Records drawn from a dataset
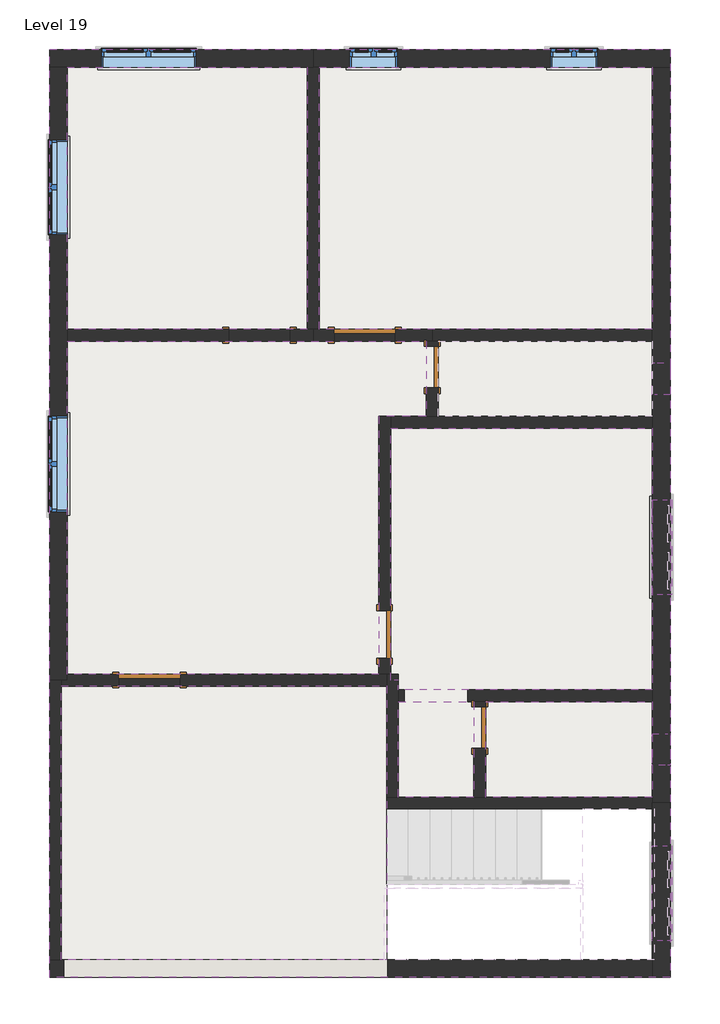
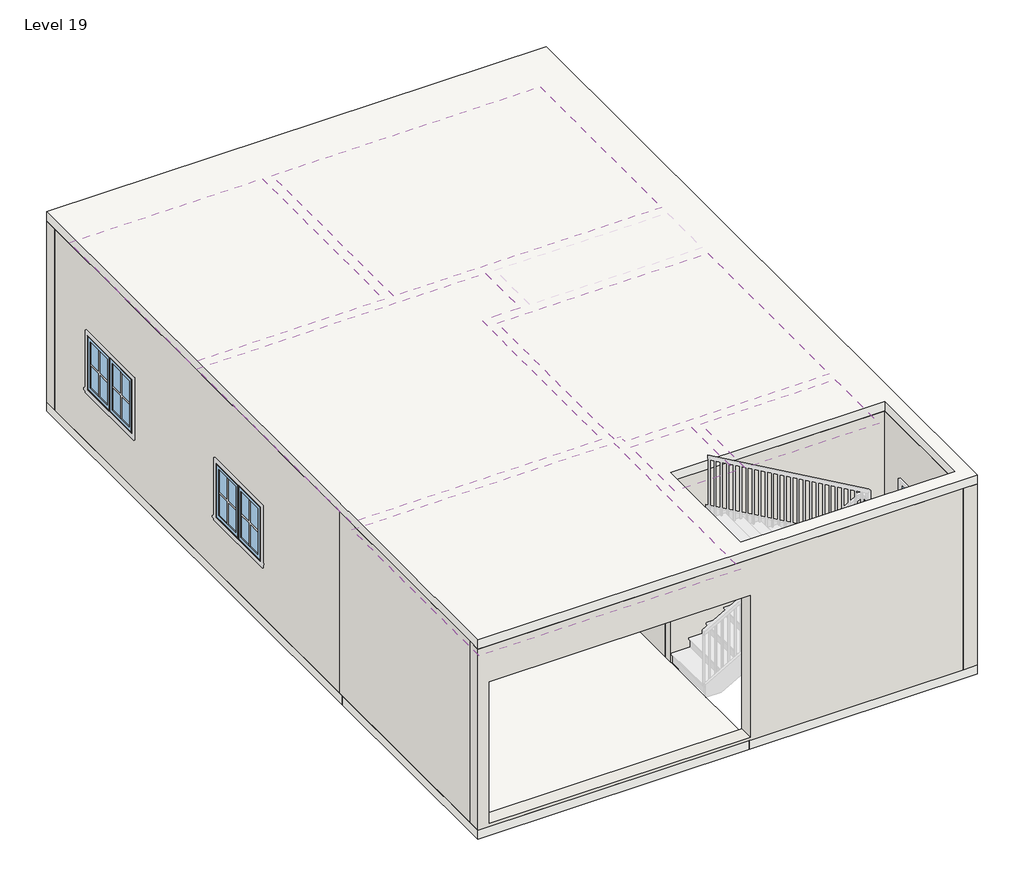
# One storey, part 1 of 2: 27 walls, 13 windows, 7 coverings, 6 doors, 3 slabs.
# Revit data of these elements (continued)
# Element 47 (IfcWindow, "Window-Casement-Double : 3'") (continued)
#   Materials on its faces: "Wood - Stained", "Glass", "Clad - White"
# Element 48 (IfcWindow, "Window-Casement-Double : 3'")
#   Mark = "77"
#   Window Inset = 0' - 0"
#   Interior Wall Closure = 0' - 2 1/4"
#   Frame Extension = 0' - 0 1/4"
#   Exterior Wall Closure = 0' - 1 1/4"
#   Interior Trim Visibility = yes
#   Exterior Trim Visibility = yes
#   Phase Created = New Construction
#   Materials on its faces: "Wood - Stained", "Glass", "Clad - White"
# Element 49 (IfcWindow, "Window-Casement-Double : 3'")
#   Mark = "78"
#   Window Inset = 0' - 0"
#   Interior Wall Closure = 0' - 2 1/4"
#   Frame Extension = 0' - 0 1/4"
#   Exterior Wall Closure = 0' - 1 1/4"
#   Interior Trim Visibility = yes
#   Exterior Trim Visibility = yes
#   Phase Created = New Construction
#   Materials on its faces: "Wood - Stained", "Glass", "Clad - White"
# Element 50 (IfcWindow, "Window-Casement-Double : 4'")
#   Mark = "66"
#   Window Inset = 0' - 0"
#   Interior Wall Closure = 0' - 2 1/4"
#   Frame Extension = 0' - 0 1/4"
#   Exterior Wall Closure = 0' - 1 1/4"
#   Interior Trim Visibility = yes
#   Exterior Trim Visibility = yes
#   Phase Created = New Construction
#   Materials on its faces: "Wood - Stained", "Glass", "Clad - White"
# Element 51 (IfcWindow, "Window-Casement-Double : 4'")
#   Mark = "67"
#   Window Inset = 0' - 0"
#   Interior Wall Closure = 0' - 2 1/4"
#   Frame Extension = 0' - 0 1/4"
#   Exterior Wall Closure = 0' - 1 1/4"
#   Interior Trim Visibility = yes
#   Exterior Trim Visibility = yes
#   Phase Created = New Construction
#   Materials on its faces: "Wood - Stained", "Glass", "Clad - White"
# Element 52 (IfcWindow, "Window-Casement-Double : 4'")
#   Mark = "68"
#   Window Inset = 0' - 0"
#   Interior Wall Closure = 0' - 2 1/4"
#   Frame Extension = 0' - 0 1/4"
#   Exterior Wall Closure = 0' - 1 1/4"
#   Interior Trim Visibility = yes
#   Exterior Trim Visibility = yes
#   Phase Created = New Construction
#   Materials on its faces: "Wood - Stained", "Glass", "Clad - White"
# Element 53 (IfcWindow, "Window-Casement-Double : 4'")
#   Mark = "69"
#   Window Inset = 0' - 0"
#   Interior Wall Closure = 0' - 2 1/4"
#   Frame Extension = 0' - 0 1/4"
#   Exterior Wall Closure = 0' - 1 1/4"
#   Interior Trim Visibility = yes
#   Exterior Trim Visibility = yes
#   Phase Created = New Construction
#   Materials on its faces: "Wood - Stained", "Glass", "Clad - White"
# Element 54 (IfcWindow, "Window-Casement-Double : 4'")
#   Mark = "70"
#   Window Inset = 0' - 0"
#   Interior Wall Closure = 0' - 2 1/4"
#   Frame Extension = 0' - 0 1/4"
#   Exterior Wall Closure = 0' - 1 1/4"
#   Interior Trim Visibility = yes
#   Exterior Trim Visibility = yes
#   Phase Created = New Construction
#   Materials on its faces: "Wood - Stained", "Glass", "Clad - White"
# Element 55 (IfcWindow, "Window-Casement-Double : 4'")
#   Mark = "75"
#   Window Inset = 0' - 0"
#   Interior Wall Closure = 0' - 2 1/4"
#   Frame Extension = 0' - 0 1/4"
#   Exterior Wall Closure = 0' - 1 1/4"
#   Interior Trim Visibility = yes
#   Exterior Trim Visibility = yes
#   Phase Created = New Construction
#   Materials on its faces: "Wood - Stained", "Glass", "Clad - White"
# Element 56 (IfcWindow, "Window-Casement-Double : 4'")
#   Mark = "76"
#   Window Inset = 0' - 0"
#   Interior Wall Closure = 0' - 2 1/4"
#   Frame Extension = 0' - 0 1/4"
#   Exterior Wall Closure = 0' - 1 1/4"
#   Interior Trim Visibility = yes
#   Exterior Trim Visibility = yes
#   Phase Created = New Construction
#   Materials on its faces: "Wood - Stained", "Glass", "Clad - White"
# Materials
#   "Default": colour RGB 127 127 127, transparency 0, Cost = 0
#   "Acoustic Ceiling Tile 24 x 48": class "Generic", colour RGB 229 229 229, transparency 0, Description = "Acoustic Ceiling Tile 24 x 48", Cost = 0
#   "Door - Panel": class "Wood", colour RGB 210 159 95, transparency 0, Cost = 0
#   "Door - Frame": colour RGB 118 70 51, transparency 0, Cost = 0
#   "Glass": class "Glass", colour RGB 0 128 192, transparency 0.75, Description = "Soda Lime Glass", Cost = 0
#   "Sash": class "Wood", colour RGB 224 178 126, transparency 0, Cost = 0
#   "Wood - Stained": class "Wood", colour RGB 224 178 126, transparency 0, Cost = 0
#   "Clad - White": class "Wood", colour RGB 242 242 238, transparency 0, Cost = 0
#   "Default Floor": colour RGB 128 128 128, transparency 0, Cost = 0
#   "TILE": class "Generic", colour RGB 120 120 120, transparency 0, Cost = 0
#   "Grass": class "Generic", colour RGB 104 137 66, transparency 0, Description = "Physical material.", Cost = 0
#   "Default Wall": colour RGB 128 128 128, transparency 0, Cost = 0
#   "WALL PAINT 4": class "Generic", colour RGB 120 120 120, transparency 0, Cost = 0
#   "MARBLE": class "Generic", colour RGB 120 120 120, transparency 0, Cost = 0
#   "WALL PAINT 5": class "Generic", colour RGB 120 120 120, transparency 0, Cost = 0
#   "WALL PAINT 2": class "Generic", colour RGB 120 120 120, transparency 0, Cost = 0
#   "WALL PAINT 3": class "Generic", colour RGB 120 120 120, transparency 0, Cost = 0
#   "WALL PAINT 1": class "Generic", colour RGB 120 120 120, transparency 0, Cost = 0

What the task asks: The entries are to be restated word for word, and no picture should appear in the copy.

Completed exercise:
# One storey, part 1 of 2: 27 walls, 13 windows, 7 coverings, 6 doors, 3 slabs.
# Revit data of these elements (continued)
# Element 47 (IfcWindow, "Window-Casement-Double : 3'") (continued)
#   Materials on its faces: "Wood - Stained", "Glass", "Clad - White"
# Element 48 (IfcWindow, "Window-Casement-Double : 3'")
#   Mark = "77"
#   Window Inset = 0' - 0"
#   Interior Wall Closure = 0' - 2 1/4"
#   Frame Extension = 0' - 0 1/4"
#   Exterior Wall Closure = 0' - 1 1/4"
#   Interior Trim Visibility = yes
#   Exterior Trim Visibility = yes
#   Phase Created = New Construction
#   Materials on its faces: "Wood - Stained", "Glass", "Clad - White"
# Element 49 (IfcWindow, "Window-Casement-Double : 3'")
#   Mark = "78"
#   Window Inset = 0' - 0"
#   Interior Wall Closure = 0' - 2 1/4"
#   Frame Extension = 0' - 0 1/4"
#   Exterior Wall Closure = 0' - 1 1/4"
#   Interior Trim Visibility = yes
#   Exterior Trim Visibility = yes
#   Phase Created = New Construction
#   Materials on its faces: "Wood - Stained", "Glass", "Clad - White"
# Element 50 (IfcWindow, "Window-Casement-Double : 4'")
#   Mark = "66"
#   Window Inset = 0' - 0"
#   Interior Wall Closure = 0' - 2 1/4"
#   Frame Extension = 0' - 0 1/4"
#   Exterior Wall Closure = 0' - 1 1/4"
#   Interior Trim Visibility = yes
#   Exterior Trim Visibility = yes
#   Phase Created = New Construction
#   Materials on its faces: "Wood - Stained", "Glass", "Clad - White"
# Element 51 (IfcWindow, "Window-Casement-Double : 4'")
#   Mark = "67"
#   Window Inset = 0' - 0"
#   Interior Wall Closure = 0' - 2 1/4"
#   Frame Extension = 0' - 0 1/4"
#   Exterior Wall Closure = 0' - 1 1/4"
#   Interior Trim Visibility = yes
#   Exterior Trim Visibility = yes
#   Phase Created = New Construction
#   Materials on its faces: "Wood - Stained", "Glass", "Clad - White"
# Element 52 (IfcWindow, "Window-Casement-Double : 4'")
#   Mark = "68"
#   Window Inset = 0' - 0"
#   Interior Wall Closure = 0' - 2 1/4"
#   Frame Extension = 0' - 0 1/4"
#   Exterior Wall Closure = 0' - 1 1/4"
#   Interior Trim Visibility = yes
#   Exterior Trim Visibility = yes
#   Phase Created = New Construction
#   Materials on its faces: "Wood - Stained", "Glass", "Clad - White"
# Element 53 (IfcWindow, "Window-Casement-Double : 4'")
#   Mark = "69"
#   Window Inset = 0' - 0"
#   Interior Wall Closure = 0' - 2 1/4"
#   Frame Extension = 0' - 0 1/4"
#   Exterior Wall Closure = 0' - 1 1/4"
#   Interior Trim Visibility = yes
#   Exterior Trim Visibility = yes
#   Phase Created = New Construction
#   Materials on its faces: "Wood - Stained", "Glass", "Clad - White"
# Element 54 (IfcWindow, "Window-Casement-Double : 4'")
#   Mark = "70"
#   Window Inset = 0' - 0"
#   Interior Wall Closure = 0' - 2 1/4"
#   Frame Extension = 0' - 0 1/4"
#   Exterior Wall Closure = 0' - 1 1/4"
#   Interior Trim Visibility = yes
#   Exterior Trim Visibility = yes
#   Phase Created = New Construction
#   Materials on its faces: "Wood - Stained", "Glass", "Clad - White"
# Element 55 (IfcWindow, "Window-Casement-Double : 4'")
#   Mark = "75"
#   Window Inset = 0' - 0"
#   Interior Wall Closure = 0' - 2 1/4"
#   Frame Extension = 0' - 0 1/4"
#   Exterior Wall Closure = 0' - 1 1/4"
#   Interior Trim Visibility = yes
#   Exterior Trim Visibility = yes
#   Phase Created = New Construction
#   Materials on its faces: "Wood - Stained", "Glass", "Clad - White"
# Element 56 (IfcWindow, "Window-Casement-Double : 4'")
#   Mark = "76"
#   Window Inset = 0' - 0"
#   Interior Wall Closure = 0' - 2 1/4"
#   Frame Extension = 0' - 0 1/4"
#   Exterior Wall Closure = 0' - 1 1/4"
#   Interior Trim Visibility = yes
#   Exterior Trim Visibility = yes
#   Phase Created = New Construction
#   Materials on its faces: "Wood - Stained", "Glass", "Clad - White"
# Materials
#   "Default": colour RGB 127 127 127, transparency 0, Cost = 0
#   "Acoustic Ceiling Tile 24 x 48": class "Generic", colour RGB 229 229 229, transparency 0, Description = "Acoustic Ceiling Tile 24 x 48", Cost = 0
#   "Door - Panel": class "Wood", colour RGB 210 159 95, transparency 0, Cost = 0
#   "Door - Frame": colour RGB 118 70 51, transparency 0, Cost = 0
#   "Glass": class "Glass", colour RGB 0 128 192, transparency 0.75, Description = "Soda Lime Glass", Cost = 0
#   "Sash": class "Wood", colour RGB 224 178 126, transparency 0, Cost = 0
#   "Wood - Stained": class "Wood", colour RGB 224 178 126, transparency 0, Cost = 0
#   "Clad - White": class "Wood", colour RGB 242 242 238, transparency 0, Cost = 0
#   "Default Floor": colour RGB 128 128 128, transparency 0, Cost = 0
#   "TILE": class "Generic", colour RGB 120 120 120, transparency 0, Cost = 0
#   "Grass": class "Generic", colour RGB 104 137 66, transparency 0, Description = "Physical material.", Cost = 0
#   "Default Wall": colour RGB 128 128 128, transparency 0, Cost = 0
#   "WALL PAINT 4": class "Generic", colour RGB 120 120 120, transparency 0, Cost = 0
#   "MARBLE": class "Generic", colour RGB 120 120 120, transparency 0, Cost = 0
#   "WALL PAINT 5": class "Generic", colour RGB 120 120 120, transparency 0, Cost = 0
#   "WALL PAINT 2": class "Generic", colour RGB 120 120 120, transparency 0, Cost = 0
#   "WALL PAINT 3": class "Generic", colour RGB 120 120 120, transparency 0, Cost = 0
#   "WALL PAINT 1": class "Generic", colour RGB 120 120 120, transparency 0, Cost = 0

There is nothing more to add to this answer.